**TASK OBJECTIVE**
Since only the written part is wanted, repeat the records exactly and omit the pictures.

[SOURCE MATERIAL]

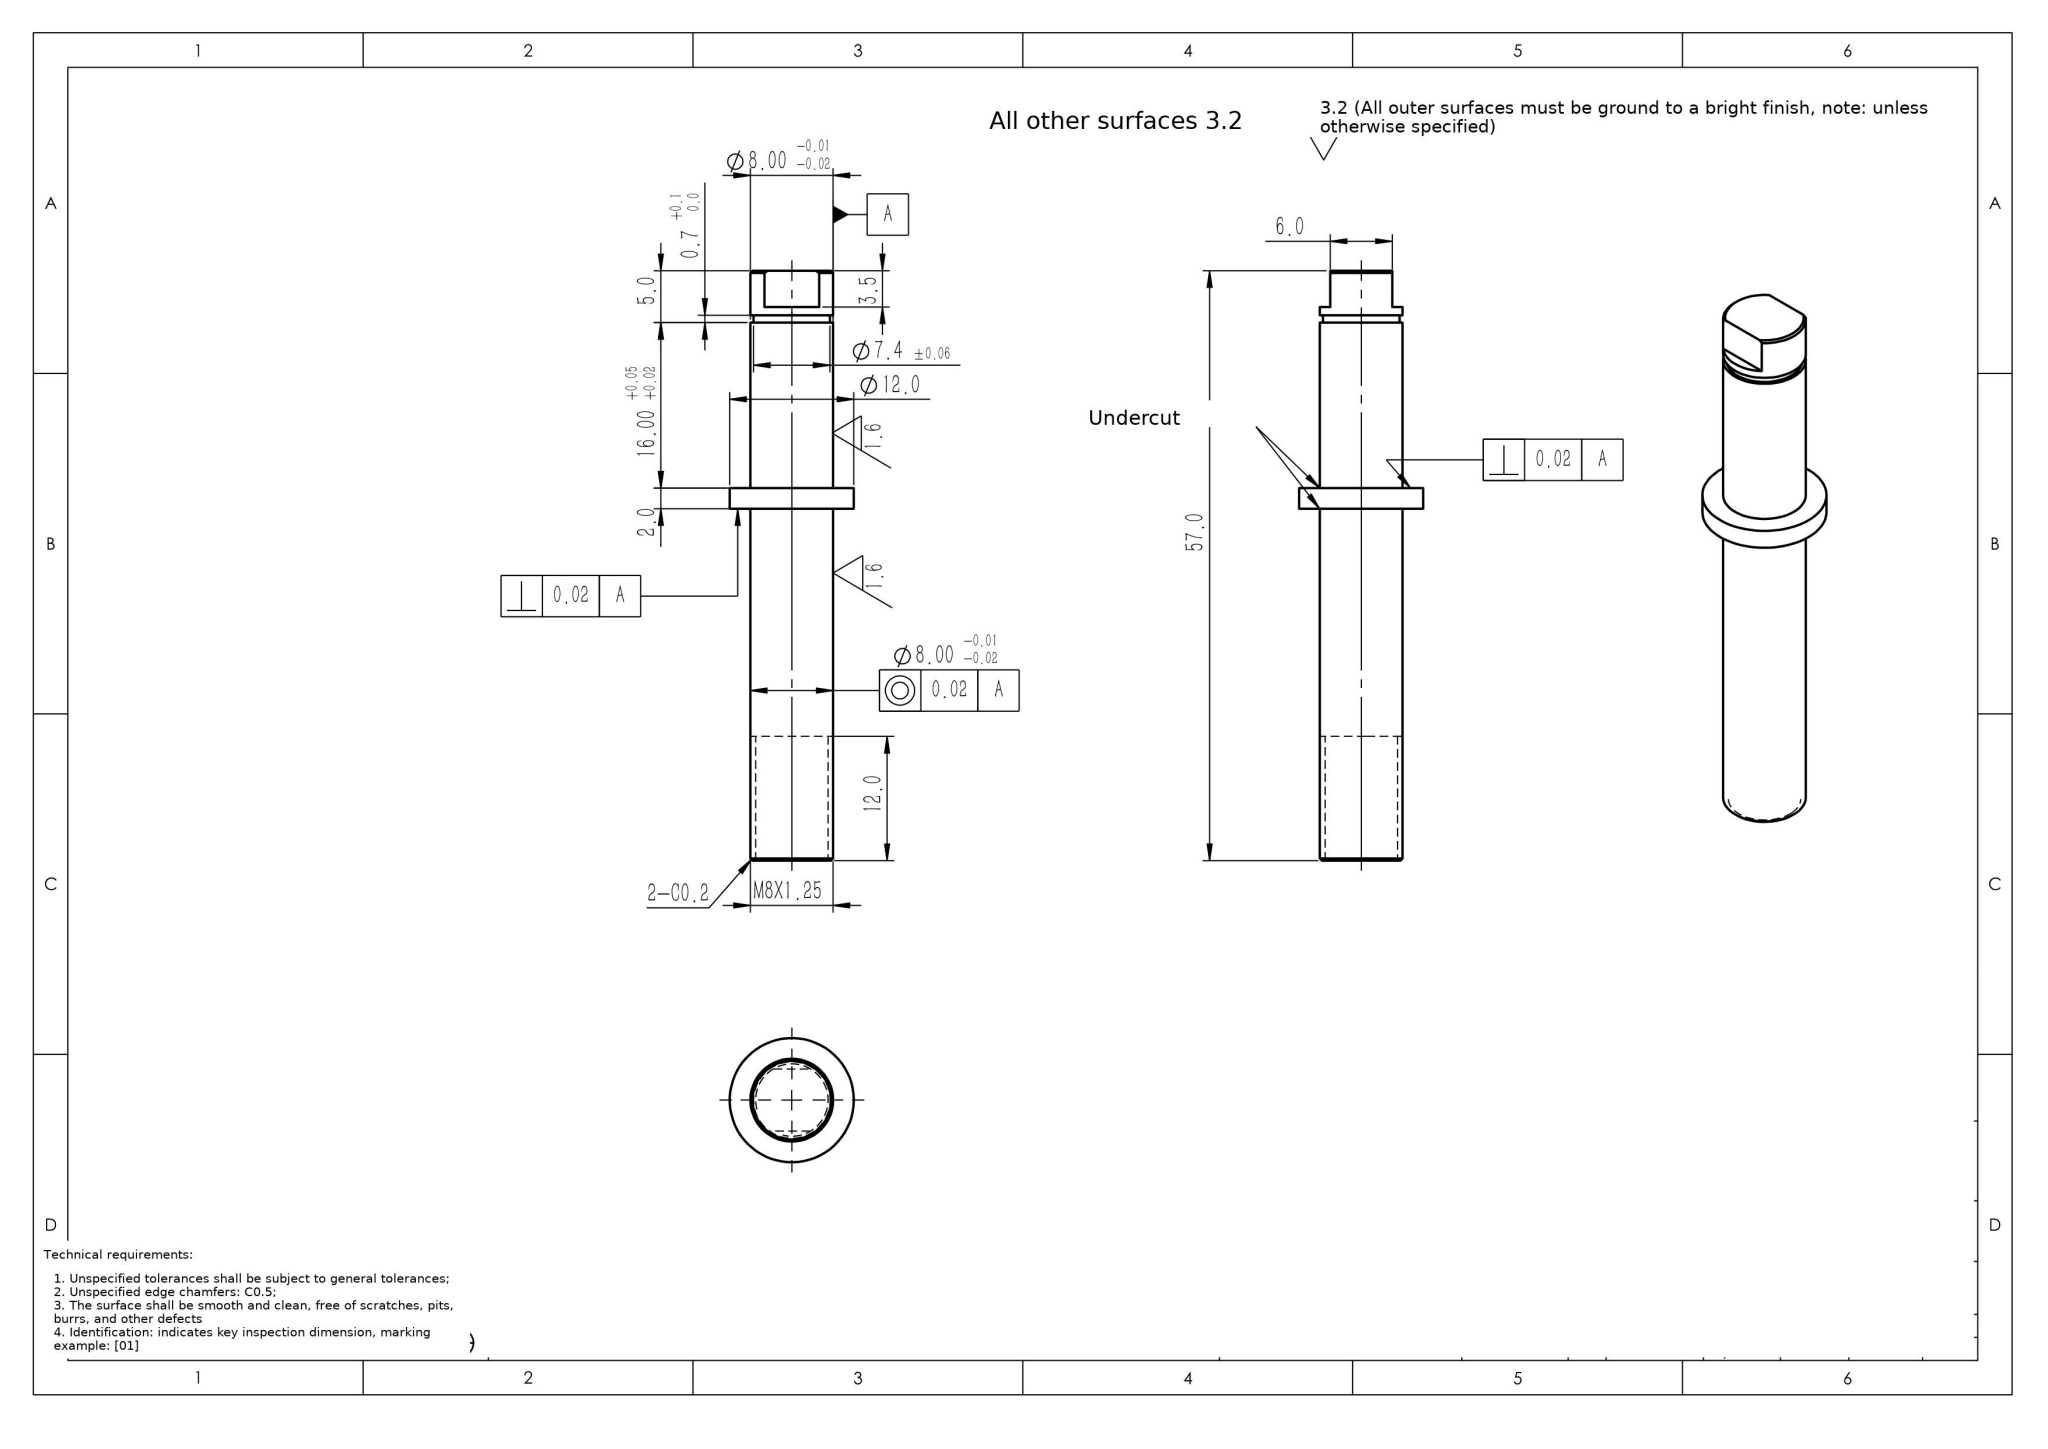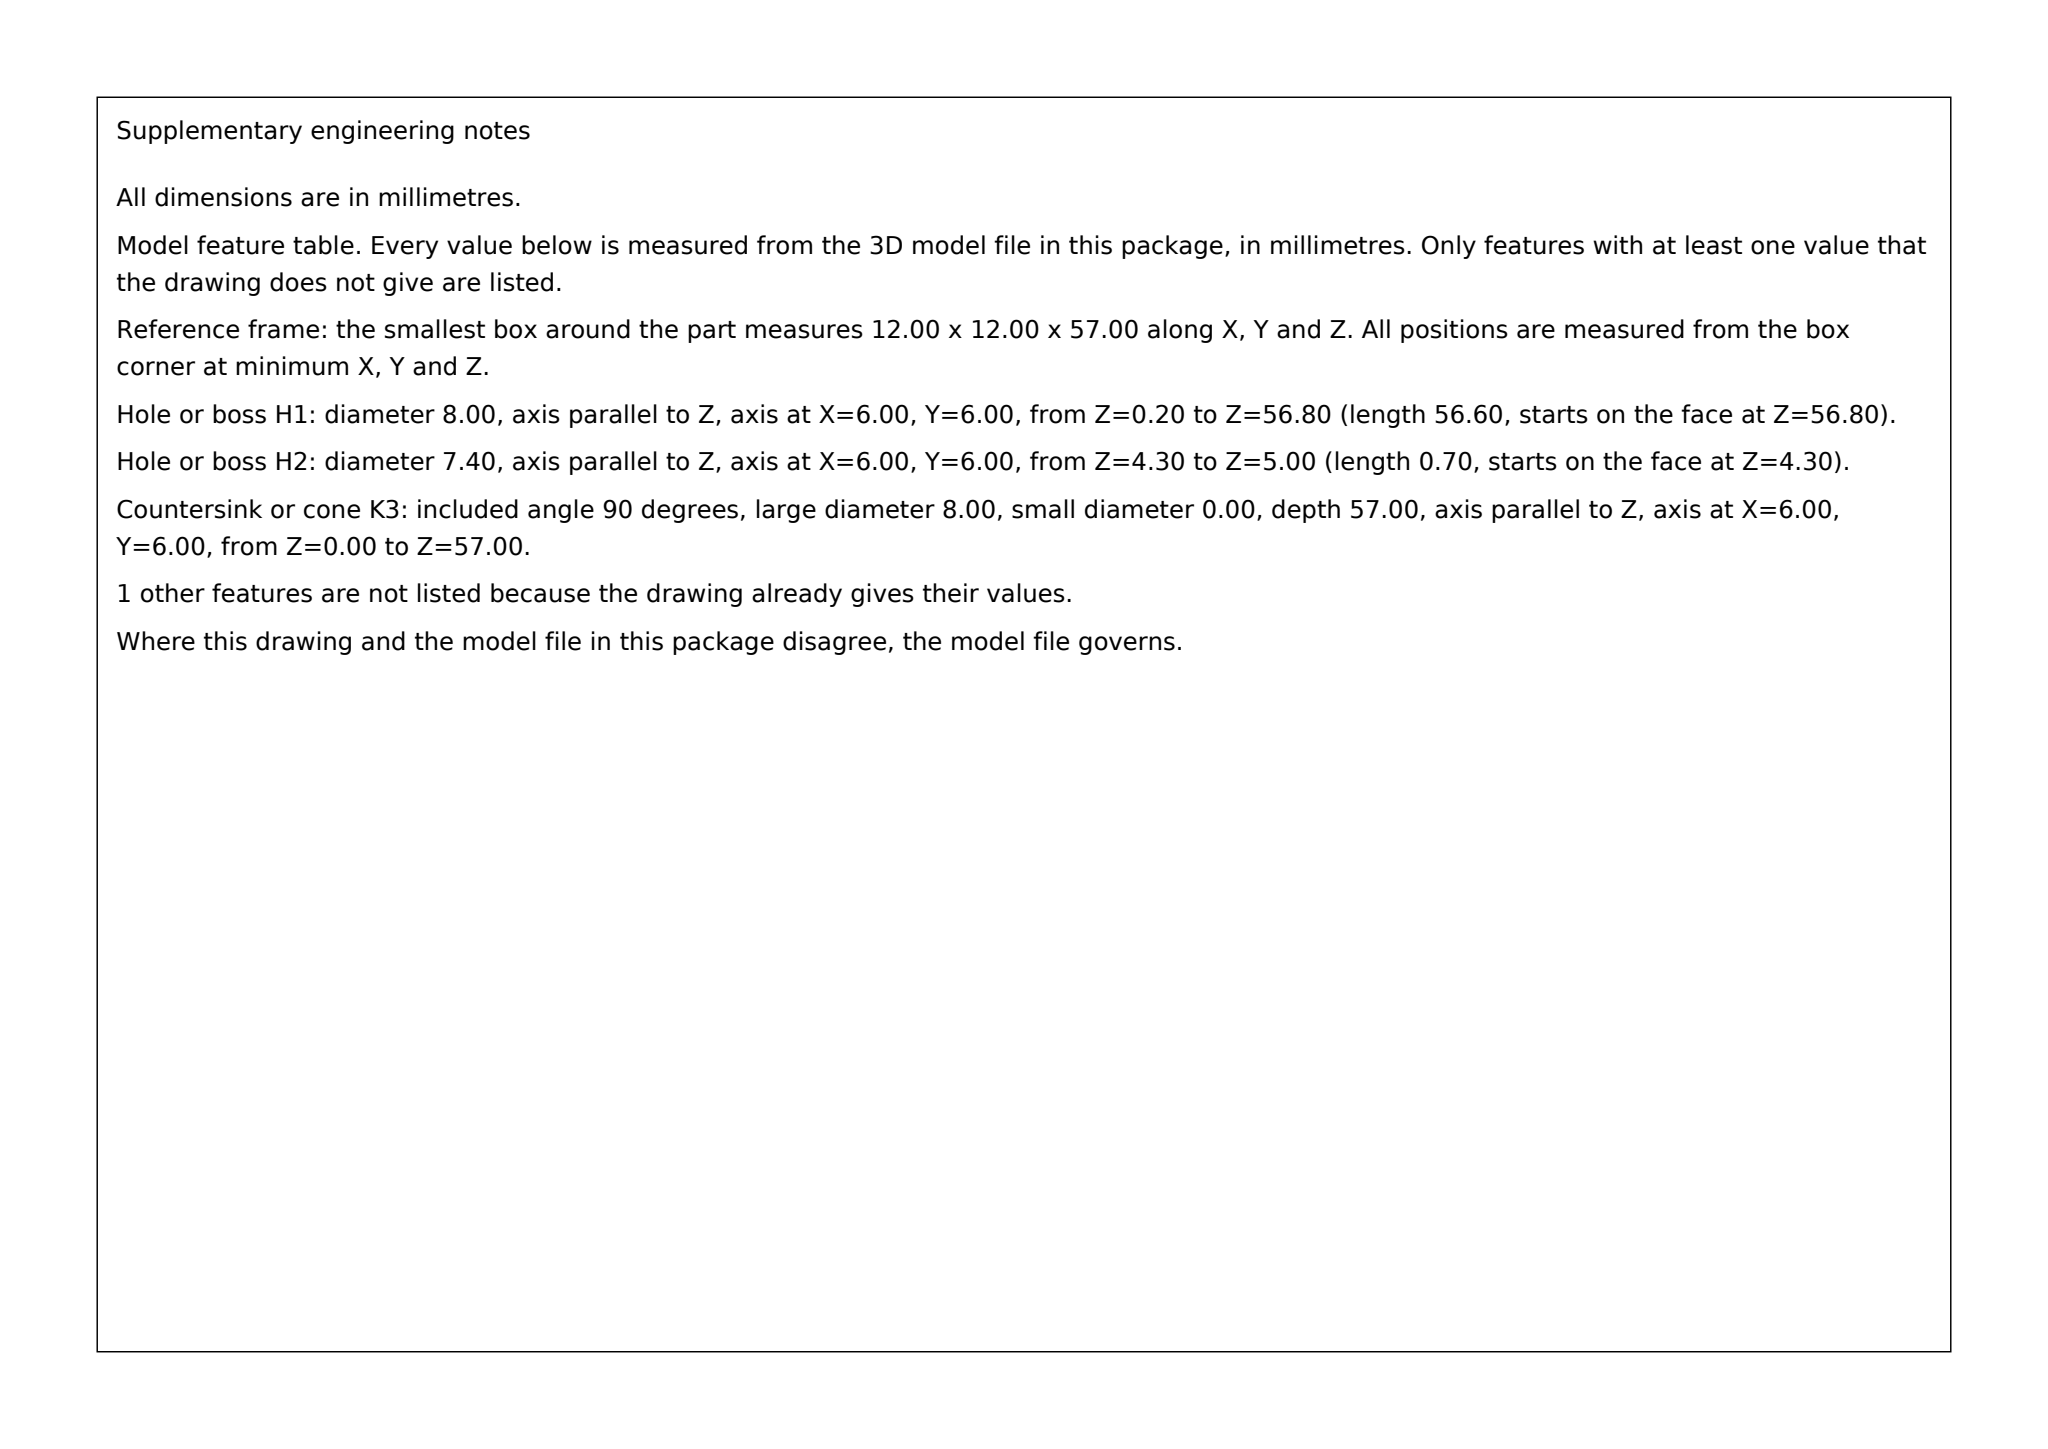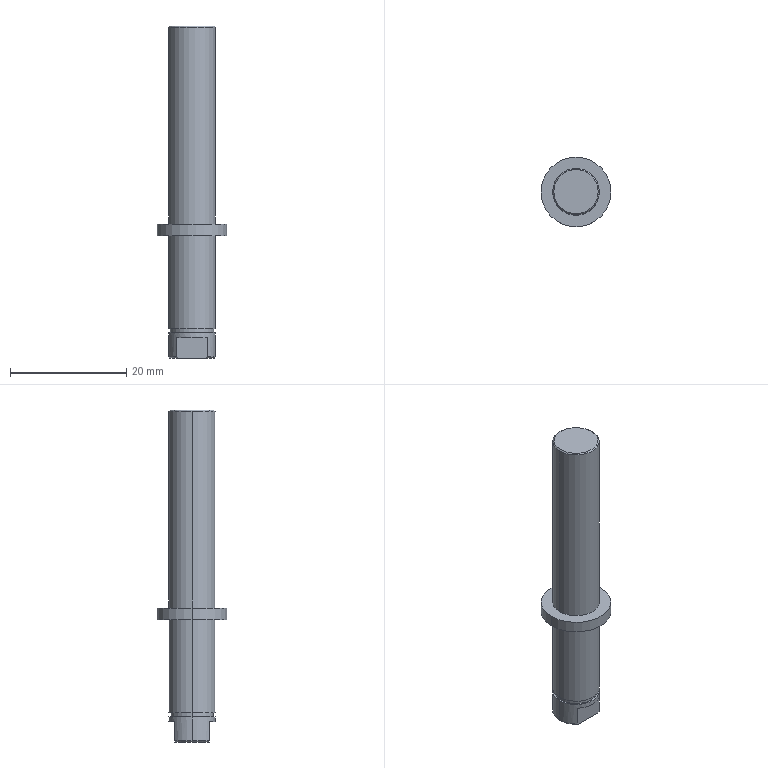Part | SolidWorks | mm | 1 solid | 25 faces | box 12 x 12 x 57 mm | volume 2960 mm3 | cylinder 10 | plane 10 | cone 5 | commonest cylinder face diameters 8 x6 7.4 x2 12 x2
build123d program:
from build123d import *

# Parameters (mm, degrees)
SKETCH1_R           = 6
BOSS_EXTRUDE1_DEPTH = 2
SKETCH2_R           = 4
BOSS_EXTRUDE2_DEPTH = 36
BOSS_EXTRUDE4_START = 21
SKETCH3_R           = 4
BOSS_EXTRUDE4_DEPTH = 21
SKETCH5_W           = 0.3
SKETCH5_H           = 0.7
CUT_EXTRUDE1_DEPTH  = 3.5
CHAMFER1_SIZE       = 0.2


with BuildPart() as part:
    # Sketch1 → Boss-Extrude1 (new body)
    with BuildSketch(Plane.XY):
        Circle(SKETCH1_R)
    extrude(amount=BOSS_EXTRUDE1_DEPTH)

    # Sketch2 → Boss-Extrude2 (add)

[/SOURCE MATERIAL]

**RESULT**
Part | SolidWorks | mm | 1 solid | 25 faces | box 12 x 12 x 57 mm | volume 2960 mm3 | cylinder 10 | plane 10 | cone 5 | commonest cylinder face diameters 8 x6 7.4 x2 12 x2
build123d program:
from build123d import *

# Parameters (mm, degrees)
SKETCH1_R           = 6
BOSS_EXTRUDE1_DEPTH = 2
SKETCH2_R           = 4
BOSS_EXTRUDE2_DEPTH = 36
BOSS_EXTRUDE4_START = 21
SKETCH3_R           = 4
BOSS_EXTRUDE4_DEPTH = 21
SKETCH5_W           = 0.3
SKETCH5_H           = 0.7
CUT_EXTRUDE1_DEPTH  = 3.5
CHAMFER1_SIZE       = 0.2


with BuildPart() as part:
    # Sketch1 → Boss-Extrude1 (new body)
    with BuildSketch(Plane.XY):
        Circle(SKETCH1_R)
    extrude(amount=BOSS_EXTRUDE1_DEPTH)

    # Sketch2 → Boss-Extrude2 (add)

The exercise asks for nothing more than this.